- WHAT YOU HAVE TO DO -
Once the pictures are set aside, copy the records below exactly as they stand.

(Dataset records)
++++++++++
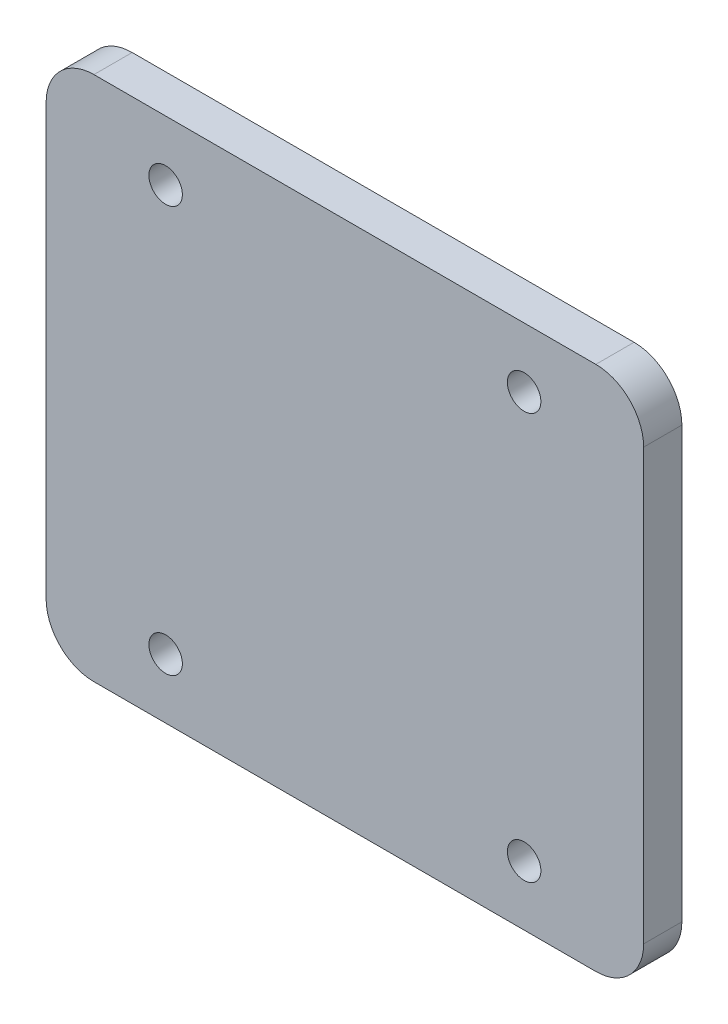
from build123d import *

# Parameters (mm, degrees)
SKETCH1_W           = 250
SKETCH1_H           = 220
BOSS_EXTRUDE1_DEPTH = 8
F_14_HOLE1_D        = 14
FILLET2_R           = 20


with BuildPart() as part:
    # Sketch1 → Boss-Extrude1 (new, symmetric)
    with BuildSketch(Plane.XY):
        Rectangle(SKETCH1_W, SKETCH1_H)
    extrude(amount=BOSS_EXTRUDE1_DEPTH, both=True)

    # Ø14 Hole1 (through all)
    with Locations(Plane.XY.offset(8)):
        with Locations((-75, 85), (75, 85), (75, -85), (-75, -85)):
            Hole(F_14_HOLE1_D / 2)

    # Fillet2
    fillet2_edges = [part.edges().sort_by_distance(p)[0] for p in [
        (-125, 110, 0),
        (125, 110, 0),
        (125, -110, 0),
        (-125, -110, 0),
    ]]
    fillet(fillet2_edges, radius=FILLET2_R)


solid = part.part
++++++++++
- EXPECTED OUTPUT -
from build123d import *

# Parameters (mm, degrees)
SKETCH1_W           = 250
SKETCH1_H           = 220
BOSS_EXTRUDE1_DEPTH = 8
F_14_HOLE1_D        = 14
FILLET2_R           = 20


with BuildPart() as part:
    # Sketch1 → Boss-Extrude1 (new, symmetric)
    with BuildSketch(Plane.XY):
        Rectangle(SKETCH1_W, SKETCH1_H)
    extrude(amount=BOSS_EXTRUDE1_DEPTH, both=True)

    # Ø14 Hole1 (through all)
    with Locations(Plane.XY.offset(8)):
        with Locations((-75, 85), (75, 85), (75, -85), (-75, -85)):
            Hole(F_14_HOLE1_D / 2)

    # Fillet2
    fillet2_edges = [part.edges().sort_by_distance(p)[0] for p in [
        (-125, 110, 0),
        (125, 110, 0),
        (125, -110, 0),
        (-125, -110, 0),
    ]]
    fillet(fillet2_edges, radius=FILLET2_R)


solid = part.part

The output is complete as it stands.